THE RECORDS —
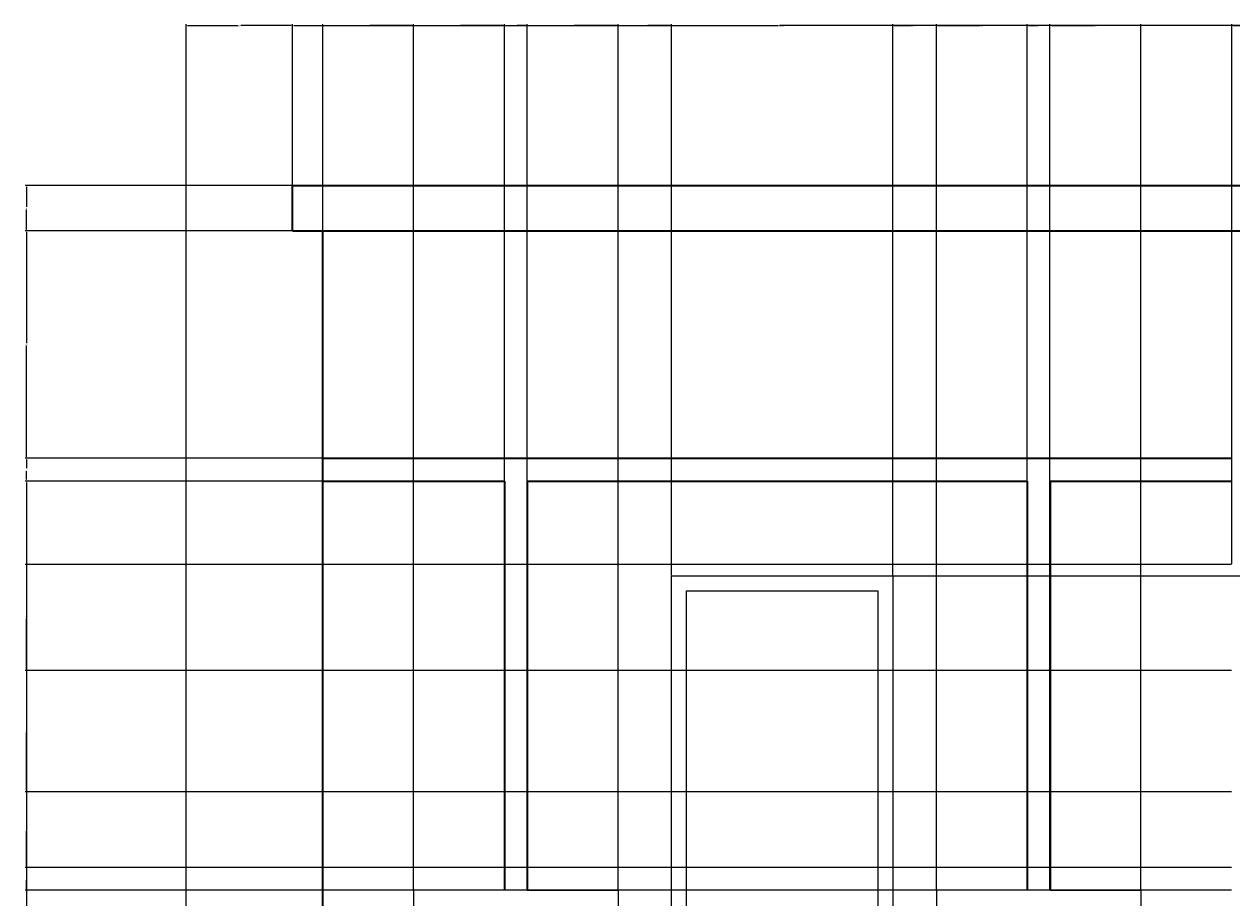
# Model space of a CAD drawing. Units: inches. Extents: x 2148 to 2587, y 1015 to 1466.
# Tile 5 of 7: x 2148 to 2307, y 1351 to 1466. Entities that reach past the tile are written whole.
import ezdxf

# ---------------------------------------------------------------- set-up
doc = ezdxf.new("R2010")
doc.units = ezdxf.units.IN
for name, color, linetype, lineweight in [('A-ANNO-DIMS', 2, 'Continuous', 18), ('A-ELEV', 7, 'Continuous', 35), ('A-GLAZ', 4, 'Continuous', 25)]:
    doc.layers.add(name, color=color, linetype=linetype, lineweight=lineweight)
doc.styles.get("Standard").update_dxf_attribs({"font": 'arial.ttf'})
doc.dimstyles.get("Standard").update_dxf_attribs({"dimtxt": 0.18, "dimasz": 0.18, "dimexe": 0.18, "dimexo": 0.0625, "dimgap": 0.09, "dimtad": 0, "dimtih": 1, "dimtoh": 1, "dimdec": 4, "dimzin": 0, "dimdsep": 46, "dimtxsty": 'Standard', "dimcen": 0.09, "dimadec": 0, "dimazin": 0, "dimtfac": 1, "dimtdec": 4, "dimtofl": 0, "dimtmove": 0, "dimatfit": 3, "dimfxl": 1, "dimtolj": 1, "dimtzin": 0, "dimarcsym": 0})

# ---------------------------------------------------------------- blocks, each defined once
blk = doc.blocks.new('*D7')
at = {"layer": 'A-ANNO-DIMS', "color": 0, "lineweight": -2, "transparency": 16777216}
for p, q in [((2169.03, 1305.54), (2169.03, 1466.02)), ((2169.21, 1465.84), (2175.82, 1465.84)), ((2182.85, 1465.84), (2176.24, 1465.84)), ((2183.03, 1444.81), (2183.03, 1466.02))]:
    blk.add_line(p, q, dxfattribs=at)
at = {"layer": 'A-ANNO-DIMS', "color": 0, "transparency": 16777216}
for points in [[(2169.21, 1465.87), (2169.21, 1465.81), (2169.03, 1465.84)], [(2182.85, 1465.87), (2182.85, 1465.81), (2183.03, 1465.84)]]:
    blk.add_solid(points, dxfattribs=at)
at = {"layer": 'Defpoints', "color": 0, "transparency": 16777216}
for p in [(2183.03, 1465.84), (2183.03, 1444.74), (2169.03, 1305.47)]:
    blk.add_point(p, dxfattribs=at)
at = {"layer": 'A-ANNO-DIMS', "color": 0, "transparency": 16777216, "insert": (2176.03, 1465.84), "char_height": 0.18, "attachment_point": 5}
blk.add_mtext('\\A1;14', dxfattribs=at)
blk = doc.blocks.new('*D8')
at = {"layer": 'A-ANNO-DIMS', "color": 0, "lineweight": -2, "transparency": 16777216}
for p, q in [((2183.03, 1444.81), (2183.03, 1466.02)), ((2183.21, 1465.84), (2246.75, 1465.84)), ((2310.85, 1465.84), (2247.31, 1465.84)), ((2311.03, 1444.81), (2311.03, 1466.02))]:
    blk.add_line(p, q, dxfattribs=at)
at = {"layer": 'A-ANNO-DIMS', "color": 0, "transparency": 16777216}
for points in [[(2183.21, 1465.87), (2183.21, 1465.81), (2183.03, 1465.84)], [(2310.85, 1465.87), (2310.85, 1465.81), (2311.03, 1465.84)]]:
    blk.add_solid(points, dxfattribs=at)
at = {"layer": 'Defpoints', "color": 0, "transparency": 16777216}
for p in [(2311.03, 1465.84), (2183.03, 1444.74), (2311.03, 1444.74)]:
    blk.add_point(p, dxfattribs=at)
at = {"layer": 'A-ANNO-DIMS', "color": 0, "transparency": 16777216, "insert": (2247.03, 1465.84), "char_height": 0.18, "attachment_point": 5}
blk.add_mtext('\\A1;128', dxfattribs=at)
blk = doc.blocks.new('*D23')
at = {"layer": 'A-ANNO-DIMS', "color": 0, "lineweight": -2, "transparency": 16777216}
for p, q in [((2186.97, 1405.74), (2147.75, 1405.74)), ((2147.93, 1405.56), (2147.93, 1286.42)), ((2147.93, 1166.92), (2147.93, 1286.06)), ((2186.97, 1166.74), (2147.75, 1166.74))]:
    blk.add_line(p, q, dxfattribs=at)
at = {"layer": 'A-ANNO-DIMS', "color": 0, "transparency": 16777216}
for points in [[(2147.9, 1405.56), (2147.96, 1405.56), (2147.93, 1405.74)], [(2147.9, 1166.92), (2147.96, 1166.92), (2147.93, 1166.74)]]:
    blk.add_solid(points, dxfattribs=at)
at = {"layer": 'Defpoints', "color": 0, "transparency": 16777216}
for p in [(2147.93, 1405.74), (2187.03, 1405.74), (2187.03, 1166.74)]:
    blk.add_point(p, dxfattribs=at)
at = {"layer": 'A-ANNO-DIMS', "color": 0, "transparency": 16777216, "insert": (2147.93, 1286.24), "char_height": 0.18, "attachment_point": 5}
blk.add_mtext('\\A1;239', dxfattribs=at)
blk = doc.blocks.new('*D24')
at = {"layer": 'A-ANNO-DIMS', "color": 0, "lineweight": -2, "transparency": 16777216}
for p, q in [((2186.97, 1408.74), (2147.75, 1408.74)), ((2147.93, 1408.56), (2147.93, 1407.42)), ((2147.93, 1405.92), (2147.93, 1407.06)), ((2186.97, 1405.74), (2147.75, 1405.74))]:
    blk.add_line(p, q, dxfattribs=at)
at = {"layer": 'A-ANNO-DIMS', "color": 0, "transparency": 16777216}
for points in [[(2147.9, 1408.56), (2147.96, 1408.56), (2147.93, 1408.74)], [(2147.9, 1405.92), (2147.96, 1405.92), (2147.93, 1405.74)]]:
    blk.add_solid(points, dxfattribs=at)
at = {"layer": 'Defpoints', "color": 0, "transparency": 16777216}
for p in [(2147.93, 1408.74), (2187.03, 1408.74), (2187.03, 1405.74)]:
    blk.add_point(p, dxfattribs=at)
at = {"layer": 'A-ANNO-DIMS', "color": 0, "transparency": 16777216, "insert": (2147.93, 1407.24), "char_height": 0.18, "attachment_point": 5}
blk.add_mtext('\\A1;3', dxfattribs=at)
blk = doc.blocks.new('*D25')
at = {"layer": 'A-ANNO-DIMS', "color": 0, "lineweight": -2, "transparency": 16777216}
for p, q in [((2182.97, 1438.74), (2147.75, 1438.74)), ((2147.93, 1438.56), (2147.93, 1423.92)), ((2147.93, 1408.92), (2147.93, 1423.56)), ((2186.97, 1408.74), (2147.75, 1408.74))]:
    blk.add_line(p, q, dxfattribs=at)
at = {"layer": 'A-ANNO-DIMS', "color": 0, "transparency": 16777216}
for points in [[(2147.9, 1438.56), (2147.96, 1438.56), (2147.93, 1438.74)], [(2147.9, 1408.92), (2147.96, 1408.92), (2147.93, 1408.74)]]:
    blk.add_solid(points, dxfattribs=at)
at = {"layer": 'Defpoints', "color": 0, "transparency": 16777216}
for p in [(2147.93, 1438.74), (2183.03, 1438.74), (2187.03, 1408.74)]:
    blk.add_point(p, dxfattribs=at)
at = {"layer": 'A-ANNO-DIMS', "color": 0, "transparency": 16777216, "insert": (2147.93, 1423.74), "char_height": 0.18, "attachment_point": 5}
blk.add_mtext('\\A1;30', dxfattribs=at)
blk = doc.blocks.new('*D26')
at = {"layer": 'A-ANNO-DIMS', "color": 0, "lineweight": -2, "transparency": 16777216}
for p, q in [((2182.97, 1444.74), (2147.75, 1444.74)), ((2147.93, 1444.56), (2147.93, 1441.92)), ((2147.93, 1438.92), (2147.93, 1441.56)), ((2182.97, 1438.74), (2147.75, 1438.74))]:
    blk.add_line(p, q, dxfattribs=at)
at = {"layer": 'A-ANNO-DIMS', "color": 0, "transparency": 16777216}
for points in [[(2147.9, 1444.56), (2147.96, 1444.56), (2147.93, 1444.74)], [(2147.9, 1438.92), (2147.96, 1438.92), (2147.93, 1438.74)]]:
    blk.add_solid(points, dxfattribs=at)
at = {"layer": 'Defpoints', "color": 0, "transparency": 16777216}
for p in [(2147.93, 1444.74), (2183.03, 1444.74), (2183.03, 1438.74)]:
    blk.add_point(p, dxfattribs=at)
at = {"layer": 'A-ANNO-DIMS', "color": 0, "transparency": 16777216, "insert": (2147.93, 1441.74), "char_height": 0.18, "attachment_point": 5}
blk.add_mtext('\\A1;6', dxfattribs=at)
blk = doc.blocks.new('*D33')
at = {"layer": 'A-ANNO-DIMS', "color": 0, "lineweight": -2, "transparency": 16777216}
for p, q in [((2307.03, 1394.81), (2307.03, 1466.02)), ((2307.21, 1465.84), (2324.89, 1465.84)), ((2343.5, 1465.84), (2325.82, 1465.84)), ((2343.68, 1366.81), (2343.68, 1466.02))]:
    blk.add_line(p, q, dxfattribs=at)
at = {"layer": 'A-ANNO-DIMS', "color": 0, "transparency": 16777216}
for points in [[(2307.21, 1465.87), (2307.21, 1465.81), (2307.03, 1465.84)], [(2343.5, 1465.87), (2343.5, 1465.81), (2343.68, 1465.84)]]:
    blk.add_solid(points, dxfattribs=at)
at = {"layer": 'Defpoints', "color": 0, "transparency": 16777216}
for p in [(2343.68, 1465.84), (2307.03, 1394.74), (2343.68, 1366.74)]:
    blk.add_point(p, dxfattribs=at)
at = {"layer": 'A-ANNO-DIMS', "color": 0, "transparency": 16777216, "insert": (2325.36, 1465.84), "char_height": 0.18, "attachment_point": 5}
blk.add_mtext('\\A1;36.645', dxfattribs=at)
blk = doc.blocks.new('*D66')
at = {"layer": 'A-ANNO-DIMS', "color": 0, "lineweight": -2, "transparency": 16777216}
for p, q in [((2306.97, 1351.74), (2147.75, 1351.74)), ((2147.93, 1351.56), (2147.93, 1349.42)), ((2147.93, 1346.92), (2147.93, 1349.06)), ((2306.97, 1346.74), (2147.75, 1346.74))]:
    blk.add_line(p, q, dxfattribs=at)
at = {"layer": 'A-ANNO-DIMS', "color": 0, "transparency": 16777216}
for points in [[(2147.9, 1351.56), (2147.96, 1351.56), (2147.93, 1351.74)], [(2147.9, 1346.92), (2147.96, 1346.92), (2147.93, 1346.74)]]:
    blk.add_solid(points, dxfattribs=at)
at = {"layer": 'Defpoints', "color": 0, "transparency": 16777216}
for p in [(2147.93, 1351.74), (2307.03, 1351.74), (2307.03, 1346.74)]:
    blk.add_point(p, dxfattribs=at)
at = {"layer": 'A-ANNO-DIMS', "color": 0, "transparency": 16777216, "insert": (2147.93, 1349.24), "char_height": 0.18, "attachment_point": 5}
blk.add_mtext('\\A1;5', dxfattribs=at)
blk = doc.blocks.new('*D67')
at = {"layer": 'A-ANNO-DIMS', "color": 0, "lineweight": -2, "transparency": 16777216}
for p, q in [((2306.97, 1354.74), (2147.75, 1354.74)), ((2147.93, 1354.56), (2147.93, 1353.42)), ((2147.93, 1351.92), (2147.93, 1353.06)), ((2306.97, 1351.74), (2147.75, 1351.74))]:
    blk.add_line(p, q, dxfattribs=at)
at = {"layer": 'A-ANNO-DIMS', "color": 0, "transparency": 16777216}
for points in [[(2147.9, 1354.56), (2147.96, 1354.56), (2147.93, 1354.74)], [(2147.9, 1351.92), (2147.96, 1351.92), (2147.93, 1351.74)]]:
    blk.add_solid(points, dxfattribs=at)
at = {"layer": 'Defpoints', "color": 0, "transparency": 16777216}
for p in [(2147.93, 1354.74), (2307.03, 1354.74), (2307.03, 1351.74)]:
    blk.add_point(p, dxfattribs=at)
at = {"layer": 'A-ANNO-DIMS', "color": 0, "transparency": 16777216, "insert": (2147.93, 1353.24), "char_height": 0.18, "attachment_point": 5}
blk.add_mtext('\\A1;3', dxfattribs=at)
blk = doc.blocks.new('*D68')
at = {"layer": 'A-ANNO-DIMS', "color": 0, "lineweight": -2, "transparency": 16777216}
for p, q in [((2306.97, 1364.74), (2147.75, 1364.74)), ((2147.93, 1364.56), (2147.93, 1359.92)), ((2147.93, 1354.92), (2147.93, 1359.56)), ((2306.97, 1354.74), (2147.75, 1354.74))]:
    blk.add_line(p, q, dxfattribs=at)
at = {"layer": 'A-ANNO-DIMS', "color": 0, "transparency": 16777216}
for points in [[(2147.9, 1364.56), (2147.96, 1364.56), (2147.93, 1364.74)], [(2147.9, 1354.92), (2147.96, 1354.92), (2147.93, 1354.74)]]:
    blk.add_solid(points, dxfattribs=at)
at = {"layer": 'Defpoints', "color": 0, "transparency": 16777216}
for p in [(2147.93, 1364.74), (2307.03, 1364.74), (2307.03, 1354.74)]:
    blk.add_point(p, dxfattribs=at)
at = {"layer": 'A-ANNO-DIMS', "color": 0, "transparency": 16777216, "insert": (2147.93, 1359.74), "char_height": 0.18, "attachment_point": 5}
blk.add_mtext('\\A1;10', dxfattribs=at)
blk = doc.blocks.new('*D69')
at = {"layer": 'A-ANNO-DIMS', "color": 0, "lineweight": -2, "transparency": 16777216}
for p, q in [((2306.97, 1380.74), (2147.75, 1380.74)), ((2147.93, 1380.56), (2147.93, 1372.92)), ((2147.93, 1364.92), (2147.93, 1372.56)), ((2306.97, 1364.74), (2147.75, 1364.74))]:
    blk.add_line(p, q, dxfattribs=at)
at = {"layer": 'A-ANNO-DIMS', "color": 0, "transparency": 16777216}
for points in [[(2147.9, 1380.56), (2147.96, 1380.56), (2147.93, 1380.74)], [(2147.9, 1364.92), (2147.96, 1364.92), (2147.93, 1364.74)]]:
    blk.add_solid(points, dxfattribs=at)
at = {"layer": 'Defpoints', "color": 0, "transparency": 16777216}
for p in [(2147.93, 1380.74), (2307.03, 1380.74), (2307.03, 1364.74)]:
    blk.add_point(p, dxfattribs=at)
at = {"layer": 'A-ANNO-DIMS', "color": 0, "transparency": 16777216, "insert": (2147.93, 1372.74), "char_height": 0.18, "attachment_point": 5}
blk.add_mtext('\\A1;16', dxfattribs=at)
blk = doc.blocks.new('*D70')
at = {"layer": 'A-ANNO-DIMS', "color": 0, "lineweight": -2, "transparency": 16777216}
for p, q in [((2306.97, 1394.74), (2147.75, 1394.74)), ((2147.93, 1394.56), (2147.93, 1387.92)), ((2147.93, 1380.92), (2147.93, 1387.56)), ((2306.97, 1380.74), (2147.75, 1380.74))]:
    blk.add_line(p, q, dxfattribs=at)
at = {"layer": 'A-ANNO-DIMS', "color": 0, "transparency": 16777216}
for points in [[(2147.9, 1394.56), (2147.96, 1394.56), (2147.93, 1394.74)], [(2147.9, 1380.92), (2147.96, 1380.92), (2147.93, 1380.74)]]:
    blk.add_solid(points, dxfattribs=at)
at = {"layer": 'Defpoints', "color": 0, "transparency": 16777216}
for p in [(2147.93, 1394.74), (2307.03, 1394.74), (2307.03, 1380.74)]:
    blk.add_point(p, dxfattribs=at)
at = {"layer": 'A-ANNO-DIMS', "color": 0, "transparency": 16777216, "insert": (2147.93, 1387.74), "char_height": 0.18, "attachment_point": 5}
blk.add_mtext('\\A1;14', dxfattribs=at)
blk = doc.blocks.new('*D73')
at = {"layer": 'A-ANNO-DIMS', "color": 0, "lineweight": -2, "transparency": 16777216}
for p, q in [((2187.03, 1166.81), (2187.03, 1466.02)), ((2187.21, 1465.84), (2192.82, 1465.84)), ((2198.85, 1465.84), (2193.24, 1465.84)), ((2199.03, 1351.81), (2199.03, 1466.02))]:
    blk.add_line(p, q, dxfattribs=at)
at = {"layer": 'A-ANNO-DIMS', "color": 0, "transparency": 16777216}
for points in [[(2187.21, 1465.87), (2187.21, 1465.81), (2187.03, 1465.84)], [(2198.85, 1465.87), (2198.85, 1465.81), (2199.03, 1465.84)]]:
    blk.add_solid(points, dxfattribs=at)
at = {"layer": 'Defpoints', "color": 0, "transparency": 16777216}
for p in [(2199.03, 1465.84), (2199.03, 1351.74), (2187.03, 1166.74)]:
    blk.add_point(p, dxfattribs=at)
at = {"layer": 'A-ANNO-DIMS', "color": 0, "transparency": 16777216, "insert": (2193.03, 1465.84), "char_height": 0.18, "attachment_point": 5}
blk.add_mtext('\\A1;12', dxfattribs=at)
blk = doc.blocks.new('*D74')
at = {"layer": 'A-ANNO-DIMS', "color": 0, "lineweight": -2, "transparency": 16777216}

TASK DESCRIPTION —
Please return the lines above that run from the line containing "blk.add_mtext('\\A1;16', dxfattribs=at)" to the line containing "blk.add_mtext('\\A1;12', dxfattribs=at)", inclusive, exactly and with no other lines.

TASK OUTPUT —
blk.add_mtext('\\A1;16', dxfattribs=at)
blk = doc.blocks.new('*D70')
at = {"layer": 'A-ANNO-DIMS', "color": 0, "lineweight": -2, "transparency": 16777216}
for p, q in [((2306.97, 1394.74), (2147.75, 1394.74)), ((2147.93, 1394.56), (2147.93, 1387.92)), ((2147.93, 1380.92), (2147.93, 1387.56)), ((2306.97, 1380.74), (2147.75, 1380.74))]:
    blk.add_line(p, q, dxfattribs=at)
at = {"layer": 'A-ANNO-DIMS', "color": 0, "transparency": 16777216}
for points in [[(2147.9, 1394.56), (2147.96, 1394.56), (2147.93, 1394.74)], [(2147.9, 1380.92), (2147.96, 1380.92), (2147.93, 1380.74)]]:
    blk.add_solid(points, dxfattribs=at)
at = {"layer": 'Defpoints', "color": 0, "transparency": 16777216}
for p in [(2147.93, 1394.74), (2307.03, 1394.74), (2307.03, 1380.74)]:
    blk.add_point(p, dxfattribs=at)
at = {"layer": 'A-ANNO-DIMS', "color": 0, "transparency": 16777216, "insert": (2147.93, 1387.74), "char_height": 0.18, "attachment_point": 5}
blk.add_mtext('\\A1;14', dxfattribs=at)
blk = doc.blocks.new('*D73')
at = {"layer": 'A-ANNO-DIMS', "color": 0, "lineweight": -2, "transparency": 16777216}
for p, q in [((2187.03, 1166.81), (2187.03, 1466.02)), ((2187.21, 1465.84), (2192.82, 1465.84)), ((2198.85, 1465.84), (2193.24, 1465.84)), ((2199.03, 1351.81), (2199.03, 1466.02))]:
    blk.add_line(p, q, dxfattribs=at)
at = {"layer": 'A-ANNO-DIMS', "color": 0, "transparency": 16777216}
for points in [[(2187.21, 1465.87), (2187.21, 1465.81), (2187.03, 1465.84)], [(2198.85, 1465.87), (2198.85, 1465.81), (2199.03, 1465.84)]]:
    blk.add_solid(points, dxfattribs=at)
at = {"layer": 'Defpoints', "color": 0, "transparency": 16777216}
for p in [(2199.03, 1465.84), (2199.03, 1351.74), (2187.03, 1166.74)]:
    blk.add_point(p, dxfattribs=at)
at = {"layer": 'A-ANNO-DIMS', "color": 0, "transparency": 16777216, "insert": (2193.03, 1465.84), "char_height": 0.18, "attachment_point": 5}
blk.add_mtext('\\A1;12', dxfattribs=at)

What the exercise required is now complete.